» **TASK TO COMPLETE**
In the entries below, filter for the word "import" and copy every matching line.

» **RECORDS FOR THIS TASK**
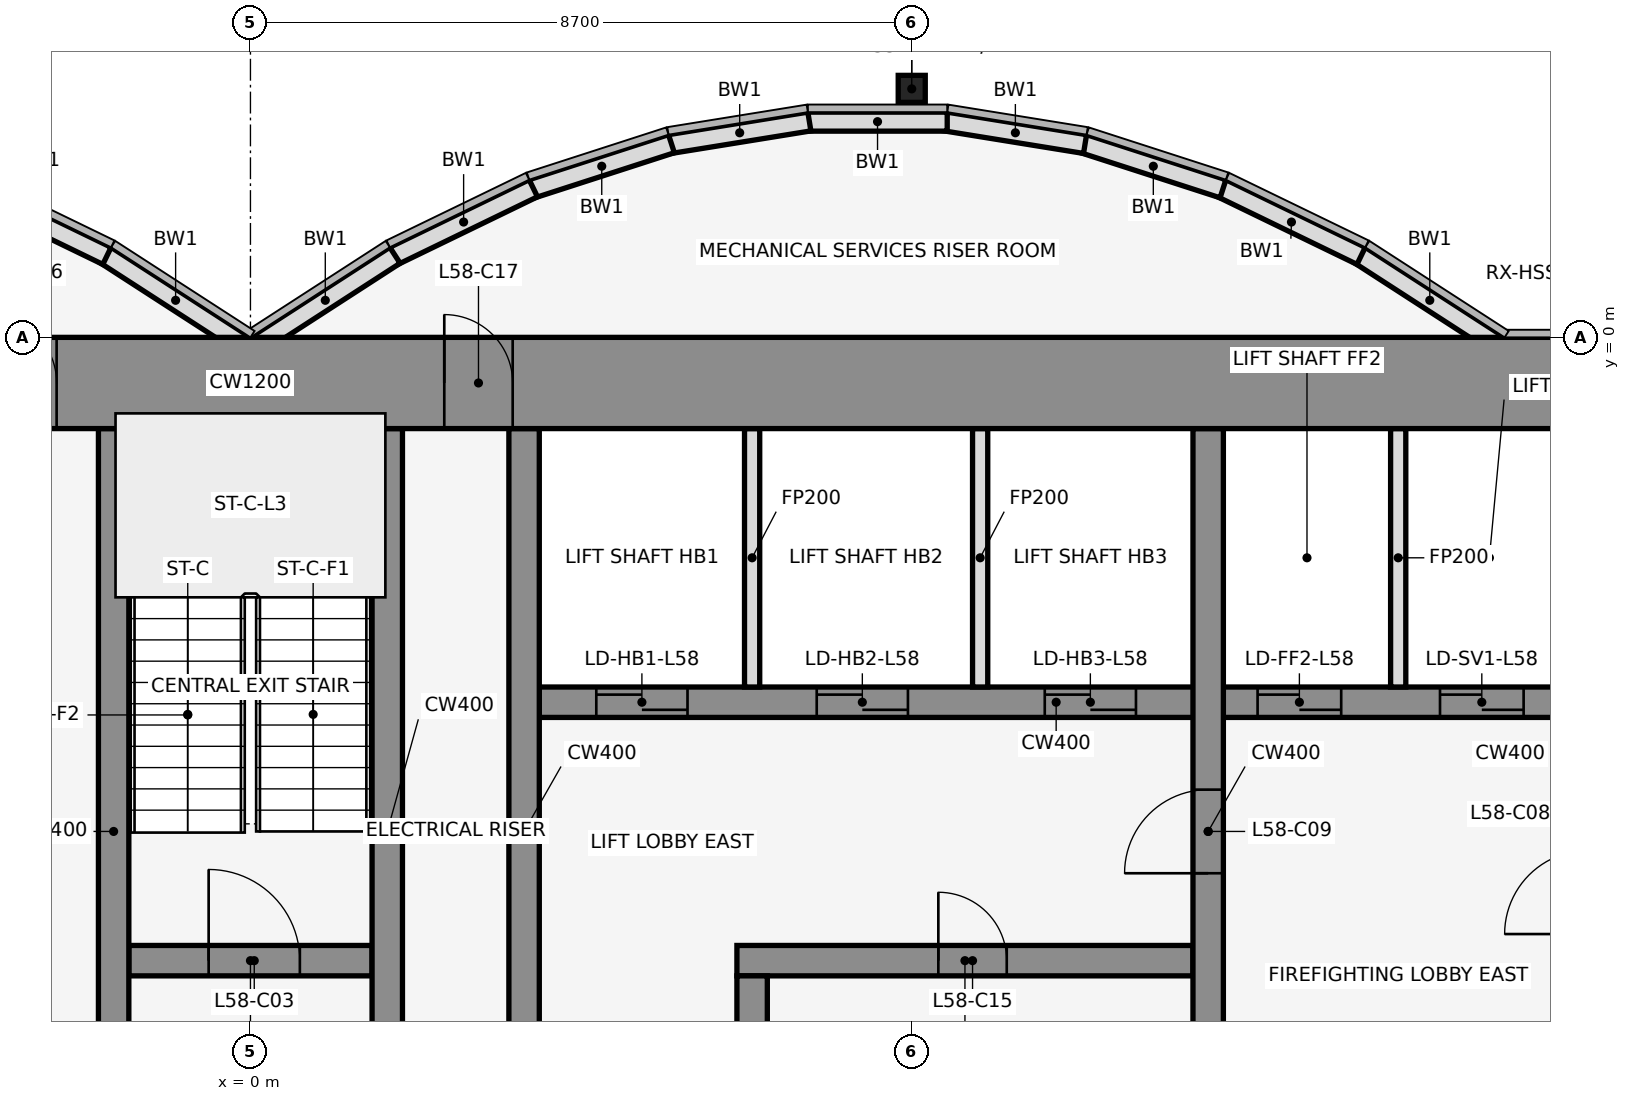
"""IFC4 building model, lengths in metres.
Left out: names, types, materials, properties, quantities, classifications, styles, units other than length and angle.
Written with IfcOpenShell. Run it as: python <this file> out.ifc"""

import sys

from ifc_helpers import new_model, si_unit, direction, frame, frame_2d, origin, origin_2d, place, context, subcontext, project, spatial, rectangle, hollow_rectangle, extrude, element, fill, save


model = new_model("IFC4")
c1 = context("Model", 3, precision=1e-05, world=origin(), true_north=direction((0.0, 1.0)))
c2 = subcontext(c1, "Body", "Model", "MODEL_VIEW")
j1 = project(units=[si_unit("LENGTHUNIT", "METRE"), si_unit("PLANEANGLEUNIT", "RADIAN")], contexts=[c1])
p1 = place(None, origin())
s1 = spatial("IfcSite", under=j1, at=p1, CompositionType="ELEMENT")
p2 = place(p1, origin())
s2 = spatial("IfcBuilding", under=s1, at=p2, CompositionType="ELEMENT")
p3 = place(p2, frame((0.0, 0.0, 258.2)))
s3 = spatial("IfcBuildingStorey", under=s2, at=p3, CompositionType="ELEMENT", Elevation=258.2)
p4 = place(p3, frame((8.7, 3.269, 0.0), z_axis=(0.0, 0.0, 1.0), x_axis=(1.0, 0.0, 0.0)))
e1 = element("IfcColumn", 1, at=p4, inside=s3, PredefinedType="COLUMN", context=c2, shape_type="SweptSolid", body=[
    extrude(hollow_rectangle(XDim=0.356, YDim=0.356, WallThickness=0.012, at=origin_2d()), origin(), (0.0, 0.0, 1.0), 4.2),
])
p5 = place(p3, frame((16.432, -0.105, 0.0), z_axis=(0.0, 0.0, 1.0), x_axis=(-0.83981312244, 0.542875602121, 0.0)))
e2 = element("IfcWall", 2, at=p5, inside=s3, PredefinedType="STANDARD", context=c2, shape_type="SweptSolid", body=[
    extrude(rectangle(XDim=2.183, YDim=0.25, at=frame_2d((1.091, 0.0))), origin(), (0.0, 0.0, 1.0), 4.05),
])
p6 = place(p3, frame((14.612, 1.073, 0.0), z_axis=(0.0, 0.0, 1.0), x_axis=(-0.89982408427, 0.436252928206, 0.0)))
e3 = element("IfcWall", 3, at=p6, inside=s3, PredefinedType="STANDARD", context=c2, shape_type="SweptSolid", body=[
    extrude(rectangle(XDim=2.038, YDim=0.25, at=frame_2d((1.019, 0.0))), origin(), (0.0, 0.0, 1.0), 4.05),
])
p7 = place(p3, frame((12.795, 1.955, 0.0), z_axis=(0.0, 0.0, 1.0), x_axis=(-0.951495806175, 0.307661714928, 0.0)))
e4 = element("IfcWall", 4, at=p7, inside=s3, PredefinedType="STANDARD", context=c2, shape_type="SweptSolid", body=[
    extrude(rectangle(XDim=1.927, YDim=0.25, at=frame_2d((0.963, 0.0))), origin(), (0.0, 0.0, 1.0), 4.05),
])
p8 = place(p3, frame((10.98, 2.543, 0.0), z_axis=(0.0, 0.0, 1.0), x_axis=(-0.987181718931, 0.159600293885, 0.0)))
e5 = element("IfcWall", 5, at=p8, inside=s3, PredefinedType="STANDARD", context=c2, shape_type="SweptSolid", body=[
    extrude(rectangle(XDim=1.857, YDim=0.25, at=frame_2d((0.929, 0.0))), origin(), (0.0, 0.0, 1.0), 4.05),
])
p9 = place(p3, frame((9.167, 2.838, 0.0), z_axis=(0.0, 0.0, 1.0), x_axis=(-1.0, 0.0, 0.0)))
e6 = element("IfcWall", 6, at=p9, inside=s3, PredefinedType="STANDARD", context=c2, shape_type="SweptSolid", body=[
    extrude(rectangle(XDim=1.833, YDim=0.25, at=frame_2d((0.917, 0.0))), origin(), (0.0, 0.0, 1.0), 4.05),
])
p10 = place(p3, frame((7.353, 2.84, 0.0), z_axis=(0.0, 0.0, 1.0), x_axis=(-0.987181718931, -0.159600293885, 0.0)))
e7 = element("IfcWall", 7, at=p10, inside=s3, PredefinedType="STANDARD", context=c2, shape_type="SweptSolid", body=[
    extrude(rectangle(XDim=1.857, YDim=0.25, at=frame_2d((0.929, 0.0))), origin(), (0.0, 0.0, 1.0), 4.05),
])
p11 = place(p3, frame((5.538, 2.548, 0.0), z_axis=(0.0, 0.0, 1.0), x_axis=(-0.951495806175, -0.307661714928, 0.0)))
e8 = element("IfcWall", 8, at=p11, inside=s3, PredefinedType="STANDARD", context=c2, shape_type="SweptSolid", body=[
    extrude(rectangle(XDim=1.927, YDim=0.25, at=frame_2d((0.963, 0.0))), origin(), (0.0, 0.0, 1.0), 4.05),
])
p12 = place(p3, frame((3.721, 1.962, 0.0), z_axis=(0.0, 0.0, 1.0), x_axis=(-0.89982408427, -0.436252928206, 0.0)))
e9 = element("IfcWall", 9, at=p12, inside=s3, PredefinedType="STANDARD", context=c2, shape_type="SweptSolid", body=[
    extrude(rectangle(XDim=2.038, YDim=0.25, at=frame_2d((1.019, 0.0))), origin(), (0.0, 0.0, 1.0), 4.05),
])
for number, where, z_axis, x_axis in (
    (10, (1.901, 1.08, 0.0), (0.0, 0.0, 1.0), (-0.84, -0.543, 0.0)),
    (11, (-0.068, -0.105, 0.0), (0.0, 0.0, 1.0), (-0.84, 0.543, 0.0)),
):
    element("IfcWall", number, at=place(p3, frame(where, z_axis=z_axis, x_axis=x_axis)), inside=s3, PredefinedType="STANDARD", context=c2, shape_type="SweptSolid", body=[
        extrude(rectangle(XDim=2.183, YDim=0.25, at=frame_2d((1.091, 0.0))), origin(), (0.0, 0.0, 1.0), 4.05),
    ])
p13 = place(p3, frame((-1.888, 1.073, 0.0), z_axis=(0.0, 0.0, 1.0), x_axis=(-0.89982408427, 0.436252928206, 0.0)))
e12 = element("IfcWall", 12, at=p13, inside=s3, PredefinedType="STANDARD", context=c2, shape_type="SweptSolid", body=[
    extrude(rectangle(XDim=2.038, YDim=0.25, at=frame_2d((1.019, 0.0))), origin(), (0.0, 0.0, 1.0), 4.05),
])
p14 = place(p3, frame((-1.6, -8.2, 0.0), z_axis=(0.0, 0.0, 1.0), x_axis=(1.0, 0.0, 0.0)))
e13 = element("IfcWall", 13, at=p14, inside=s3, PredefinedType="SHEAR", context=c2, shape_type="SweptSolid", body=[
    extrude(rectangle(XDim=3.2, YDim=0.4, at=frame_2d((1.6, 0.0))), origin(), (0.0, 0.0, 1.0), 4.2),
])
p15 = place(p14, frame((1.05, 0.0, 0.0)))
e14 = element("IfcOpeningElement", 14, at=p15, cuts=e13, PredefinedType="OPENING", context=c2, shape_type="SweptSolid", body=[
    extrude(rectangle(XDim=1.2, YDim=2.1, at=frame_2d((0.6, 1.05))), frame((0.0, 0.212, 0.0), z_axis=(0.0, -1.0, 0.0), x_axis=(1.0, 0.0, 0.0)), (0.0, 0.0, 1.0), 0.424),
])
p16 = place(p3, frame((6.4, -8.2, 0.0), z_axis=(0.0, 0.0, 1.0), x_axis=(1.0, 0.0, 0.0)))
e15 = element("IfcWall", 15, at=p16, inside=s3, PredefinedType="SHEAR", context=c2, shape_type="SweptSolid", body=[
    extrude(rectangle(XDim=6.0, YDim=0.4, at=frame_2d((3.0, 0.0))), origin(), (0.0, 0.0, 1.0), 4.2),
])
p17 = place(p16, frame((2.65, 0.0, 0.0)))
e16 = element("IfcOpeningElement", 16, at=p17, cuts=e15, PredefinedType="OPENING", context=c2, shape_type="SweptSolid", body=[
    extrude(rectangle(XDim=0.9, YDim=2.1, at=frame_2d((0.45, 1.05))), frame((0.0, 0.212, 0.0), z_axis=(0.0, -1.0, 0.0), x_axis=(1.0, 0.0, 0.0)), (0.0, 0.0, 1.0), 0.424),
])
p18 = place(p3, frame((3.8, -4.8, 0.0), z_axis=(0.0, 0.0, 1.0), x_axis=(1.0, 0.0, 0.0)))
e17 = element("IfcWall", 17, at=p18, inside=s3, PredefinedType="SHEAR", context=c2, shape_type="SweptSolid", body=[
    extrude(rectangle(XDim=13.6, YDim=0.4, at=frame_2d((6.8, 0.0))), origin(), (0.0, 0.0, 1.0), 4.2),
])
p19 = place(p18, frame((0.75, 0.0, 0.0)))
e18 = element("IfcOpeningElement", 18, at=p19, cuts=e17, PredefinedType="OPENING", context=c2, shape_type="SweptSolid", body=[
    extrude(rectangle(XDim=1.2, YDim=2.1, at=frame_2d((0.6, 1.05))), frame((0.0, 0.212, 0.0), z_axis=(0.0, -1.0, 0.0), x_axis=(1.0, 0.0, 0.0)), (0.0, 0.0, 1.0), 0.424),
])
p20 = place(p18, frame((3.65, 0.0, 0.0)))
e19 = element("IfcOpeningElement", 19, at=p20, cuts=e17, PredefinedType="OPENING", context=c2, shape_type="SweptSolid", body=[
    extrude(rectangle(XDim=1.2, YDim=2.1, at=frame_2d((0.6, 1.05))), frame((0.0, 0.212, 0.0), z_axis=(0.0, -1.0, 0.0), x_axis=(1.0, 0.0, 0.0)), (0.0, 0.0, 1.0), 0.424),
])
p21 = place(p18, frame((6.65, 0.0, 0.0)))
e20 = element("IfcOpeningElement", 20, at=p21, cuts=e17, PredefinedType="OPENING", context=c2, shape_type="SweptSolid", body=[
    extrude(rectangle(XDim=1.2, YDim=2.1, at=frame_2d((0.6, 1.05))), frame((0.0, 0.212, 0.0), z_axis=(0.0, -1.0, 0.0), x_axis=(1.0, 0.0, 0.0)), (0.0, 0.0, 1.0), 0.424),
])
p22 = place(p18, frame((9.45, 0.0, 0.0)))
e21 = element("IfcOpeningElement", 21, at=p22, cuts=e17, PredefinedType="OPENING", context=c2, shape_type="SweptSolid", body=[
    extrude(rectangle(XDim=1.1, YDim=2.1, at=frame_2d((0.55, 1.05))), frame((0.0, 0.212, 0.0), z_axis=(0.0, -1.0, 0.0), x_axis=(1.0, 0.0, 0.0)), (0.0, 0.0, 1.0), 0.424),
])
p23 = place(p18, frame((11.85, 0.0, 0.0)))
e22 = element("IfcOpeningElement", 22, at=p23, cuts=e17, PredefinedType="OPENING", context=c2, shape_type="SweptSolid", body=[
    extrude(rectangle(XDim=1.1, YDim=2.1, at=frame_2d((0.55, 1.05))), frame((0.0, 0.212, 0.0), z_axis=(0.0, -1.0, 0.0), x_axis=(1.0, 0.0, 0.0)), (0.0, 0.0, 1.0), 0.424),
])
for number, where, z_axis, x_axis in (
    (23, (-1.8, -11.8, 0.0), (0.0, 0.0, 1.0), (0.0, 1.0, 0.0)),
    (24, (1.8, -11.8, 0.0), (0.0, 0.0, 1.0), (0.0, 1.0, 0.0)),
):
    element("IfcWall", number, at=place(p3, frame(where, z_axis=z_axis, x_axis=x_axis)), inside=s3, PredefinedType="SHEAR", context=c2, shape_type="SweptSolid", body=[
        extrude(rectangle(XDim=10.6, YDim=0.4, at=frame_2d((5.3, 0.0))), origin(), (0.0, 0.0, 1.0), 4.2),
    ])
p24 = place(p3, frame((3.6, -11.8, 0.0), z_axis=(0.0, 0.0, 1.0), x_axis=(0.0, 1.0, 0.0)))
e25 = element("IfcWall", 25, at=p24, inside=s3, PredefinedType="SHEAR", context=c2, shape_type="SweptSolid", body=[
    extrude(rectangle(XDim=10.6, YDim=0.4, at=frame_2d((5.3, 0.0))), origin(), (0.0, 0.0, 1.0), 4.2),
])
p25 = place(p24, frame((1.35, 0.0, 0.0)))
e26 = element("IfcOpeningElement", 26, at=p25, cuts=e25, PredefinedType="OPENING", context=c2, shape_type="SweptSolid", body=[
    extrude(rectangle(XDim=0.9, YDim=2.1, at=frame_2d((0.45, 1.05))), frame((0.0, 0.212, 0.0), z_axis=(0.0, -1.0, 0.0), x_axis=(1.0, 0.0, 0.0)), (0.0, 0.0, 1.0), 0.424),
])
p26 = place(p3, frame((6.6, -11.8, 0.0), z_axis=(0.0, 0.0, 1.0), x_axis=(0.0, 1.0, 0.0)))
e27 = element("IfcWall", 27, at=p26, inside=s3, PredefinedType="SHEAR", context=c2, shape_type="SweptSolid", body=[
    extrude(rectangle(XDim=3.4, YDim=0.4, at=frame_2d((1.7, 0.0))), origin(), (0.0, 0.0, 1.0), 4.2),
])
for number, where, z_axis, x_axis in (
    (28, (6.6, -4.6, 0.0), (0.0, 0.0, 1.0), (0.0, 1.0, 0.0)),
    (29, (9.6, -4.6, 0.0), (0.0, 0.0, 1.0), (0.0, 1.0, 0.0)),
):
    element("IfcWall", number, at=place(p3, frame(where, z_axis=z_axis, x_axis=x_axis)), inside=s3, PredefinedType="PARTITIONING", context=c2, shape_type="SweptSolid", body=[
        extrude(rectangle(XDim=3.4, YDim=0.2, at=frame_2d((1.7, 0.0))), origin(), (0.0, 0.0, 1.0), 3.118),
    ])
p27 = place(p3, frame((12.6, -11.8, 0.0), z_axis=(0.0, 0.0, 1.0), x_axis=(0.0, 1.0, 0.0)))
e30 = element("IfcWall", 30, at=p27, inside=s3, PredefinedType="SHEAR", context=c2, shape_type="SweptSolid", body=[
    extrude(rectangle(XDim=10.6, YDim=0.4, at=frame_2d((5.3, 0.0))), origin(), (0.0, 0.0, 1.0), 4.2),
])
p28 = place(p27, frame((4.75, 0.0, 0.0)))
e31 = element("IfcOpeningElement", 31, at=p28, cuts=e30, PredefinedType="OPENING", context=c2, shape_type="SweptSolid", body=[
    extrude(rectangle(XDim=1.1, YDim=2.1, at=frame_2d((0.55, 1.05))), frame((0.0, 0.212, 0.0), z_axis=(0.0, -1.0, 0.0), x_axis=(1.0, 0.0, 0.0)), (0.0, 0.0, 1.0), 0.424),
])
p29 = place(p3, frame((15.1, -4.6, 0.0), z_axis=(0.0, 0.0, 1.0), x_axis=(0.0, 1.0, 0.0)))
e32 = element("IfcWall", 32, at=p29, inside=s3, PredefinedType="PARTITIONING", context=c2, shape_type="SweptSolid", body=[
    extrude(rectangle(XDim=3.4, YDim=0.2, at=frame_2d((1.7, 0.0))), origin(), (0.0, 0.0, 1.0), 3.118),
])
p30 = place(p3, frame((-22.0, -0.6, 0.0), z_axis=(0.0, 0.0, 1.0), x_axis=(1.0, 0.0, 0.0)))
e33 = element("IfcWall", 33, at=p30, inside=s3, PredefinedType="SHEAR", context=c2, shape_type="SweptSolid", body=[
    extrude(rectangle(XDim=44.0, YDim=1.2, at=frame_2d((22.0, 0.0))), origin(), (0.0, 0.0, 1.0), 4.2),
])
p31 = place(p30, frame((18.55, 0.0, 0.0)))
e34 = element("IfcOpeningElement", 34, at=p31, cuts=e33, PredefinedType="OPENING", context=c2, shape_type="SweptSolid", body=[
    extrude(rectangle(XDim=0.9, YDim=2.1, at=frame_2d((0.45, 1.05))), frame((0.0, 0.612, 0.0), z_axis=(0.0, -1.0, 0.0), x_axis=(1.0, 0.0, 0.0)), (0.0, 0.0, 1.0), 1.224),
])
p32 = place(p30, frame((24.55, 0.0, 0.0)))
e35 = element("IfcOpeningElement", 35, at=p32, cuts=e33, PredefinedType="OPENING", context=c2, shape_type="SweptSolid", body=[
    extrude(rectangle(XDim=0.9, YDim=2.1, at=frame_2d((0.45, 1.05))), frame((0.0, 0.612, 0.0), z_axis=(0.0, -1.0, 0.0), x_axis=(1.0, 0.0, 0.0)), (0.0, 0.0, 1.0), 1.224),
])
p33 = place(p15, origin())
e36 = element("IfcDoor", 36, at=p33, inside=s3, OperationType="SINGLE_SWING_LEFT", PredefinedType="DOOR", context=c2, shape_type="SweptSolid", body=[
    extrude(rectangle(XDim=1.2, YDim=2.1, at=frame_2d((0.6, 1.05))), frame((0.0, 0.025, 0.0), z_axis=(0.0, -1.0, 0.0), x_axis=(1.0, 0.0, 0.0)), (0.0, 0.0, 1.0), 0.05),
])
fill(e14, e36)
p34 = place(p19, origin())
e37 = element("IfcDoor", 37, at=p34, inside=s3, OperationType="DOUBLE_DOOR_SLIDING", PredefinedType="DOOR", context=c2, shape_type="SweptSolid", body=[
    extrude(rectangle(XDim=1.2, YDim=2.1, at=frame_2d((0.6, 1.05))), frame((0.0, 0.025, 0.0), z_axis=(0.0, -1.0, 0.0), x_axis=(1.0, 0.0, 0.0)), (0.0, 0.0, 1.0), 0.05),
])
fill(e18, e37)
p35 = place(p20, origin())
e38 = element("IfcDoor", 38, at=p35, inside=s3, OperationType="DOUBLE_DOOR_SLIDING", PredefinedType="DOOR", context=c2, shape_type="SweptSolid", body=[
    extrude(rectangle(XDim=1.2, YDim=2.1, at=frame_2d((0.6, 1.05))), frame((0.0, 0.025, 0.0), z_axis=(0.0, -1.0, 0.0), x_axis=(1.0, 0.0, 0.0)), (0.0, 0.0, 1.0), 0.05),
])
fill(e19, e38)
p36 = place(p21, origin())
e39 = element("IfcDoor", 39, at=p36, inside=s3, OperationType="DOUBLE_DOOR_SLIDING", PredefinedType="DOOR", context=c2, shape_type="SweptSolid", body=[
    extrude(rectangle(XDim=1.2, YDim=2.1, at=frame_2d((0.6, 1.05))), frame((0.0, 0.025, 0.0), z_axis=(0.0, -1.0, 0.0), x_axis=(1.0, 0.0, 0.0)), (0.0, 0.0, 1.0), 0.05),
])
fill(e20, e39)
p37 = place(p22, origin())
e40 = element("IfcDoor", 40, at=p37, inside=s3, OperationType="DOUBLE_DOOR_SLIDING", PredefinedType="DOOR", context=c2, shape_type="SweptSolid", body=[
    extrude(rectangle(XDim=1.1, YDim=2.1, at=frame_2d((0.55, 1.05))), frame((0.0, 0.025, 0.0), z_axis=(0.0, -1.0, 0.0), x_axis=(1.0, 0.0, 0.0)), (0.0, 0.0, 1.0), 0.05),
])
fill(e21, e40)
p38 = place(p23, origin())
e41 = element("IfcDoor", 41, at=p38, inside=s3, OperationType="DOUBLE_DOOR_SLIDING", PredefinedType="DOOR", context=c2, shape_type="SweptSolid", body=[
    extrude(rectangle(XDim=1.1, YDim=2.1, at=frame_2d((0.55, 1.05))), frame((0.0, 0.025, 0.0), z_axis=(0.0, -1.0, 0.0), x_axis=(1.0, 0.0, 0.0)), (0.0, 0.0, 1.0), 0.05),
])
fill(e22, e41)
p39 = place(p28, frame((1.1, 0.0, 0.0), z_axis=(0.0, 0.0, 1.0), x_axis=(-1.0, 0.0, 0.0)))
e42 = element("IfcDoor", 42, at=p39, inside=s3, OperationType="SINGLE_SWING_RIGHT", PredefinedType="DOOR", context=c2, shape_type="SweptSolid", body=[
    extrude(rectangle(XDim=1.1, YDim=2.1, at=frame_2d((0.55, 1.05))), frame((0.0, 0.025, 0.0), z_axis=(0.0, -1.0, 0.0), x_axis=(1.0, 0.0, 0.0)), (0.0, 0.0, 1.0), 0.05),
])
fill(e31, e42)
p40 = place(p17, frame((0.9, 0.0, 0.0), z_axis=(0.0, 0.0, 1.0), x_axis=(-1.0, 0.0, 0.0)))
e43 = element("IfcDoor", 43, at=p40, inside=s3, OperationType="SINGLE_SWING_RIGHT", PredefinedType="DOOR", context=c2, shape_type="SweptSolid", body=[
    extrude(rectangle(XDim=0.9, YDim=2.1, at=frame_2d((0.45, 1.05))), frame((0.0, 0.025, 0.0), z_axis=(0.0, -1.0, 0.0), x_axis=(1.0, 0.0, 0.0)), (0.0, 0.0, 1.0), 0.05),
])
fill(e16, e43)
p41 = place(p31, origin())
e44 = element("IfcDoor", 44, at=p41, inside=s3, OperationType="SINGLE_SWING_LEFT", PredefinedType="DOOR", context=c2, shape_type="SweptSolid", body=[
    extrude(rectangle(XDim=0.9, YDim=2.1, at=frame_2d((0.45, 1.05))), frame((0.0, 0.025, 0.0), z_axis=(0.0, -1.0, 0.0), x_axis=(1.0, 0.0, 0.0)), (0.0, 0.0, 1.0), 0.05),
])
fill(e34, e44)
p42 = place(p32, origin())
e45 = element("IfcDoor", 45, at=p42, inside=s3, OperationType="SINGLE_SWING_LEFT", PredefinedType="DOOR", context=c2, shape_type="SweptSolid", body=[
    extrude(rectangle(XDim=0.9, YDim=2.1, at=frame_2d((0.45, 1.05))), frame((0.0, 0.025, 0.0), z_axis=(0.0, -1.0, 0.0), x_axis=(1.0, 0.0, 0.0)), (0.0, 0.0, 1.0), 0.05),
])
fill(e35, e45)
save(model, sys.argv[1])

» **WRITTEN ANSWER**
import sys
from ifc_helpers import new_model, si_unit, direction, frame, frame_2d, origin, origin_2d, place, context, subcontext, project, spatial, rectangle, hollow_rectangle, extrude, element, fill, save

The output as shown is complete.